## Your objective
Tally every line below where "from" appears, then report the total alone.

## Input data
####

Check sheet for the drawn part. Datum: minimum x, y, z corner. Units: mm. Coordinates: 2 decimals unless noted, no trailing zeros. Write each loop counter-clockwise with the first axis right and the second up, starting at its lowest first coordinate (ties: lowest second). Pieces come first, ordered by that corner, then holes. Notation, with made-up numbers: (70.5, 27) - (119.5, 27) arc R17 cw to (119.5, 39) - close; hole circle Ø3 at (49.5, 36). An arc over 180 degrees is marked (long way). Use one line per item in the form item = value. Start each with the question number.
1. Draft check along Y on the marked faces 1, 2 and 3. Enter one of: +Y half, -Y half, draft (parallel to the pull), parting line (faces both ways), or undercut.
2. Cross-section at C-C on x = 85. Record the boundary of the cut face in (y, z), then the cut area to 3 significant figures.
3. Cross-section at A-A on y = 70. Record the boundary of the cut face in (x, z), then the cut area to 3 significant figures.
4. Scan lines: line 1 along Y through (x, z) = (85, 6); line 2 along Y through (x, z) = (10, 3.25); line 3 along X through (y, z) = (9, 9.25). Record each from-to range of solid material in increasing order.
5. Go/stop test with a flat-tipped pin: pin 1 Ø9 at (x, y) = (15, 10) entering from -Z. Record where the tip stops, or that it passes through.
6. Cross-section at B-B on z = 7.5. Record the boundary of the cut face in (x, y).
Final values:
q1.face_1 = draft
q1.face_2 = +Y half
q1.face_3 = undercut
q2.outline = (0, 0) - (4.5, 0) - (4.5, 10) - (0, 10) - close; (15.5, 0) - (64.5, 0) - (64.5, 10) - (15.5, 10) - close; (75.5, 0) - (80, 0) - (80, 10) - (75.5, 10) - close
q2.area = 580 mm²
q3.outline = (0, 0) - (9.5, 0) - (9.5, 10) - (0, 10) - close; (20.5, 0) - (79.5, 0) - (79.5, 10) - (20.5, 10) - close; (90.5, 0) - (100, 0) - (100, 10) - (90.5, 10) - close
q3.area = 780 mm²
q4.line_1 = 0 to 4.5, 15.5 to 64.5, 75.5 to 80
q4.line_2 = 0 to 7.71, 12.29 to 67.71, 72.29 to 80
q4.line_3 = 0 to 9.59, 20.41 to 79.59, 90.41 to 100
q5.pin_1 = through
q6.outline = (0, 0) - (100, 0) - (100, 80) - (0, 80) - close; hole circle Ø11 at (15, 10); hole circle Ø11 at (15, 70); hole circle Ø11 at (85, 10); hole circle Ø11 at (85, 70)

####

## Answer section
2